__DIRECTIONS FOR THIS TASK__.
Could you copy out every line of the data where the word "BuildSketch" occurs?

__SUPPLIED DATA__.
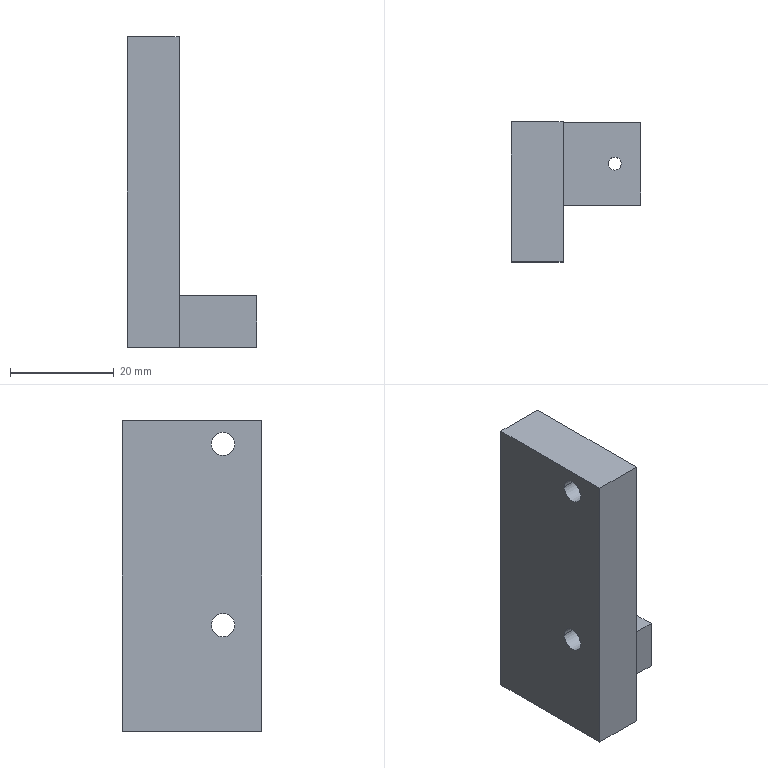Component | SolidWorks | F-YBExport-1-1_LSDH-6-026-1 | 1 solid | 21 faces | box 25 x 27 x 60 mm | volume 17917 mm3 | plane 11 | cylinder 10 | commonest cylinder face diameters 8 x4 4.5 x4 2.5 x2
build123d program:
from build123d import *

# Parameters (mm, degrees)
SKETCH1_W                                            = 60
SKETCH1_H                                            = 10
BOSS_EXTRUDE1_DEPTH                                  = 27
SKETCH2_W                                            = 10
SKETCH2_H                                            = 27
BOSS_EXTRUDE2_DEPTH                                  = 25
HOLE_SIZE_ACCORDING_TO_THE_TYPE_OF_HEX_S_D           = 4.5
HOLE_SIZE_ACCORDING_TO_THE_TYPE_OF_HEX_S_CBORE_D     = 8
HOLE_SIZE_ACCORDING_TO_THE_TYPE_OF_HEX_S_CBORE_DEPTH = 4.6
SKETCH5_W                                            = 11
SKETCH5_H                                            = 25
CUT_EXTRUDE1_DEPTH                                   = 73.312
M3_TAPPED_HOLE1_D                                    = 2.5
SKETCH8_W                                            = 16
SKETCH8_H                                            = 10
CUT_EXTRUDE2_DEPTH                                   = 65.257


with BuildPart() as part:
    # Sketch1 → Boss-Extrude1 (new body)
    with BuildSketch(Plane.XY):
        Rectangle(SKETCH1_W, SKETCH1_H)
    extrude(amount=BOSS_EXTRUDE1_DEPTH)

    # Sketch2 → Boss-Extrude2 (add)
    with BuildSketch(Plane.XZ.offset(5)):
        with Locations((25, 13.5)):
            Rectangle(SKETCH2_W, SKETCH2_H)
    extrude(amount=BOSS_EXTRUDE2_DEPTH)

    # Hole size according to the type of hex s (through all)
    with Locations(Plane(origin=(-25.5, -5, 7.5), x_dir=(0, 0, -1), z_dir=(0, -1, 0))):
        with Locations((0, 0), (0, 35)):
            CounterBoreHole(HOLE_SIZE_ACCORDING_TO_THE_TYPE_OF_HEX_S_D / 2, HOLE_SIZE_ACCORDING_TO_THE_TYPE_OF_HEX_S_CBORE_D / 2, HOLE_SIZE_ACCORDING_TO_THE_TYPE_OF_HEX_S_CBORE_DEPTH)

    # Sketch5 → Cut-Extrude1 (cut, through all)
    with BuildSketch(Plane(origin=(30, 0, 0), x_dir=(0, 0, -1), z_dir=(1, 0, 0))):
        with Locations((-5.5, -17.5)):
            Rectangle(SKETCH5_W, SKETCH5_H)
    extrude(amount=-CUT_EXTRUDE1_DEPTH, mode=Mode.SUBTRACT)

    # M3 Tapped Hole1 (through all)
    with Locations(Plane(origin=(20, -15, 19), x_dir=(0, 0, -1), z_dir=(-1, 0, 0))):
        with Locations((0, 0), (0, 10)):
            Hole(M3_TAPPED_HOLE1_D / 2)

    # Sketch8 → Cut-Extrude2 (cut, through all)
    with BuildSketch(Plane.ZY.offset(-20)):
        with Locations((19, -25)):
            Rectangle(SKETCH8_W, SKETCH8_H)
    extrude(amount=-CUT_EXTRUDE2_DEPTH, mode=Mode.SUBTRACT)


solid = part.part

# Placed as in the assembly
solid = solid.moved(Location((406.305, 356.175, 167.979), (-90, 0, 90)))
STEP:
#1=COLOUR_RGB('',0.7922,0.8196,0.9333);
#2=FILL_AREA_STYLE_COLOUR('',#1);
#3=FILL_AREA_STYLE('',(#2));
#4=SURFACE_STYLE_FILL_AREA(#3);
#5=SURFACE_SIDE_STYLE('',(#4));
#6=SURFACE_STYLE_USAGE(.BOTH.,#5);
#7=PRESENTATION_STYLE_ASSIGNMENT((#6));
#8=CARTESIAN_POINT('',(16.587,14.721,5.432));
#9=VERTEX_POINT('',#8);
#10=CARTESIAN_POINT('',(16.587,14.82,5.432));
#11=VERTEX_POINT('',#10);
#12=CARTESIAN_POINT('',(16.587,14.771,5.432));
#13=DIRECTION('',(-0.,-0.,1.));
#14=DIRECTION('',(0.,1.,0.));
#15=AXIS2_PLACEMENT_3D('',#12,#13,#14);
#16=CIRCLE('',#15,0.04921);
#17=EDGE_CURVE('',#9,#11,#16,.T.);
#18=ORIENTED_EDGE('',*,*,#17,.F.);
#19=CARTESIAN_POINT('',(16.587,14.721,5.826));
#20=VERTEX_POINT('',#19);
#21=CARTESIAN_POINT('',(16.587,14.721,5.826));
#22=DIRECTION('',(-0.,-0.,1.));
#23=VECTOR('',#22,39.37);
#24=LINE('',#21,#23);
#25=EDGE_CURVE('',#9,#20,#24,.T.);
#26=ORIENTED_EDGE('',*,*,#25,.T.);
#27=CARTESIAN_POINT('',(16.587,14.82,5.826));
#28=VERTEX_POINT('',#27);
#29=CARTESIAN_POINT('',(16.587,14.771,5.826));
#30=DIRECTION('',(-0.,-0.,1.));
#31=DIRECTION('',(0.,1.,0.));
#32=AXIS2_PLACEMENT_3D('',#29,#30,#31);
#33=CIRCLE('',#32,0.04921);
#34=EDGE_CURVE('',#20,#28,#33,.T.);
#35=ORIENTED_EDGE('',*,*,#34,.T.);
#36=CARTESIAN_POINT('',(16.587,14.82,5.826));
#37=DIRECTION('',(-0.,-0.,1.));
#38=VECTOR('',#37,39.37);
#39=LINE('',#36,#38);
#40=EDGE_CURVE('',#11,#28,#39,.T.);
#41=ORIENTED_EDGE('',*,*,#40,.F.);
#42=EDGE_LOOP('',(#18,#26,#35,#41));
#43=FACE_OUTER_BOUND('',#42,.T.);
#44=CARTESIAN_POINT('',(16.587,14.771,5.826));
#45=DIRECTION('',(-0.,-0.,1.));
#46=DIRECTION('',(0.,1.,0.));
#47=AXIS2_PLACEMENT_3D('',#44,#45,#46);
#48=CYLINDRICAL_SURFACE('',#47,0.04921);
#49=ADVANCED_FACE('',(#43),#48,.F.);
#50=CARTESIAN_POINT('',(16.012,14.475,7.617));
#51=VERTEX_POINT('',#50);
#52=CARTESIAN_POINT('',(16.012,14.16,7.617));
#53=VERTEX_POINT('',#52);
#54=CARTESIAN_POINT('',(16.012,14.318,7.617));
#55=DIRECTION('',(1.,0.,0.));
#56=DIRECTION('',(0.,-1.,0.));
#57=AXIS2_PLACEMENT_3D('',#54,#55,#56);
#58=CIRCLE('',#57,0.1575);
#59=EDGE_CURVE('',#51,#53,#58,.T.);
#60=ORIENTED_EDGE('',*,*,#59,.F.);
#61=CARTESIAN_POINT('',(16.193,14.475,7.617));
#62=VERTEX_POINT('',#61);
#63=CARTESIAN_POINT('',(16.193,14.475,7.617));
#64=DIRECTION('',(1.,0.,0.));
#65=VECTOR('',#64,39.37);
#66=LINE('',#63,#65);
#67=EDGE_CURVE('',#51,#62,#66,.T.);
#68=ORIENTED_EDGE('',*,*,#67,.T.);
#69=CARTESIAN_POINT('',(16.193,14.16,7.617));
#70=VERTEX_POINT('',#69);
#71=CARTESIAN_POINT('',(16.193,14.318,7.617));
#72=DIRECTION('',(1.,0.,0.));
#73=DIRECTION('',(0.,-1.,0.));
#74=AXIS2_PLACEMENT_3D('',#71,#72,#73);
#75=CIRCLE('',#74,0.1575);
#76=EDGE_CURVE('',#62,#70,#75,.T.);
#77=ORIENTED_EDGE('',*,*,#76,.T.);
#78=CARTESIAN_POINT('',(16.193,14.16,7.617));
#79=DIRECTION('',(1.,0.,0.));
#80=VECTOR('',#79,39.37);
#81=LINE('',#78,#80);
#82=EDGE_CURVE('',#53,#70,#81,.T.);
#83=ORIENTED_EDGE('',*,*,#82,.F.);
#84=EDGE_LOOP('',(#60,#68,#77,#83));
#85=FACE_OUTER_BOUND('',#84,.T.);
#86=CARTESIAN_POINT('',(16.193,14.318,7.617));
#87=DIRECTION('',(1.,0.,0.));
#88=DIRECTION('',(0.,-1.,0.));
#89=AXIS2_PLACEMENT_3D('',#86,#87,#88);
#90=CYLINDRICAL_SURFACE('',#89,0.1575);
#91=ADVANCED_FACE('',(#85),#90,.F.);
#92=CARTESIAN_POINT('',(15.799,14.407,7.617));
#93=VERTEX_POINT('',#92);
#94=CARTESIAN_POINT('',(15.799,14.229,7.617));
#95=VERTEX_POINT('',#94);
#96=CARTESIAN_POINT('',(15.799,14.318,7.617));
#97=DIRECTION('',(1.,0.,0.));
#98=DIRECTION('',(0.,-1.,0.));
#99=AXIS2_PLACEMENT_3D('',#96,#97,#98);
#100=CIRCLE('',#99,0.08858);
#101=EDGE_CURVE('',#93,#95,#100,.T.);
#102=ORIENTED_EDGE('',*,*,#101,.F.);
#103=CARTESIAN_POINT('',(16.012,14.407,7.617));
#104=VERTEX_POINT('',#103);
#105=CARTESIAN_POINT('',(16.193,14.407,7.617));
#106=DIRECTION('',(1.,0.,0.));
#107=VECTOR('',#106,39.37);
#108=LINE('',#105,#107);
#109=EDGE_CURVE('',#93,#104,#108,.T.);
#110=ORIENTED_EDGE('',*,*,#109,.T.);
#111=CARTESIAN_POINT('',(16.012,14.229,7.617));
#112=VERTEX_POINT('',#111);
#113=CARTESIAN_POINT('',(16.012,14.318,7.617));
#114=DIRECTION('',(1.,0.,0.));
#115=DIRECTION('',(0.,-1.,0.));
#116=AXIS2_PLACEMENT_3D('',#113,#114,#115);
#117=CIRCLE('',#116,0.08858);
#118=EDGE_CURVE('',#104,#112,#117,.T.);
#119=ORIENTED_EDGE('',*,*,#118,.T.);
#120=CARTESIAN_POINT('',(16.193,14.229,7.617));
#121=DIRECTION('',(1.,0.,0.));
#122=VECTOR('',#121,39.37);
#123=LINE('',#120,#122);
#124=EDGE_CURVE('',#95,#112,#123,.T.);
#125=ORIENTED_EDGE('',*,*,#124,.F.);
#126=EDGE_LOOP('',(#102,#110,#119,#125));
#127=FACE_OUTER_BOUND('',#126,.T.);
#128=CARTESIAN_POINT('',(16.193,14.318,7.617));
#129=DIRECTION('',(1.,0.,0.));
#130=DIRECTION('',(0.,-1.,0.));
#131=AXIS2_PLACEMENT_3D('',#128,#129,#130);
#132=CYLINDRICAL_SURFACE('',#131,0.08858);
#133=ADVANCED_FACE('',(#127),#132,.F.);
#134=CARTESIAN_POINT('',(16.012,14.475,6.239));
#135=VERTEX_POINT('',#134);
#136=CARTESIAN_POINT('',(16.012,14.16,6.239));
#137=VERTEX_POINT('',#136);
#138=CARTESIAN_POINT('',(16.012,14.318,6.239));
#139=DIRECTION('',(1.,0.,0.));
#140=DIRECTION('',(0.,-1.,0.));
#141=AXIS2_PLACEMENT_3D('',#138,#139,#140);
#142=CIRCLE('',#141,0.1575);
#143=EDGE_CURVE('',#135,#137,#142,.T.);
#144=ORIENTED_EDGE('',*,*,#143,.F.);
#145=CARTESIAN_POINT('',(16.193,14.475,6.239));
#146=VERTEX_POINT('',#145);
#147=CARTESIAN_POINT('',(16.193,14.475,6.239));
#148=DIRECTION('',(1.,0.,0.));
#149=VECTOR('',#148,39.37);
#150=LINE('',#147,#149);
#151=EDGE_CURVE('',#135,#146,#150,.T.);
#152=ORIENTED_EDGE('',*,*,#151,.T.);
#153=CARTESIAN_POINT('',(16.193,14.16,6.239));
#154=VERTEX_POINT('',#153);
#155=CARTESIAN_POINT('',(16.193,14.318,6.239));
#156=DIRECTION('',(1.,0.,0.));
#157=DIRECTION('',(0.,-1.,0.));
#158=AXIS2_PLACEMENT_3D('',#155,#156,#157);
#159=CIRCLE('',#158,0.1575);
#160=EDGE_CURVE('',#146,#154,#159,.T.);
#161=ORIENTED_EDGE('',*,*,#160,.T.);
#162=CARTESIAN_POINT('',(16.193,14.16,6.239));
#163=DIRECTION('',(1.,0.,0.));
#164=VECTOR('',#163,39.37);
#165=LINE('',#162,#164);
#166=EDGE_CURVE('',#137,#154,#165,.T.);
#167=ORIENTED_EDGE('',*,*,#166,.F.);
#168=EDGE_LOOP('',(#144,#152,#161,#167));
#169=FACE_OUTER_BOUND('',#168,.T.);
#170=CARTESIAN_POINT('',(16.193,14.318,6.239));
#171=DIRECTION('',(1.,0.,0.));
#172=DIRECTION('',(0.,-1.,0.));
#173=AXIS2_PLACEMENT_3D('',#170,#171,#172);
#174=CYLINDRICAL_SURFACE('',#173,0.1575);
#175=ADVANCED_FACE('',(#169),#174,.F.);
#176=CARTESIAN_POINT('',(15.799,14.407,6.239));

__WRITTEN SOLUTION__.
    with BuildSketch(Plane.XY):
    with BuildSketch(Plane.XZ.offset(5)):
    with BuildSketch(Plane(origin=(30, 0, 0), x_dir=(0, 0, -1), z_dir=(1, 0, 0))):
    with BuildSketch(Plane.ZY.offset(-20)):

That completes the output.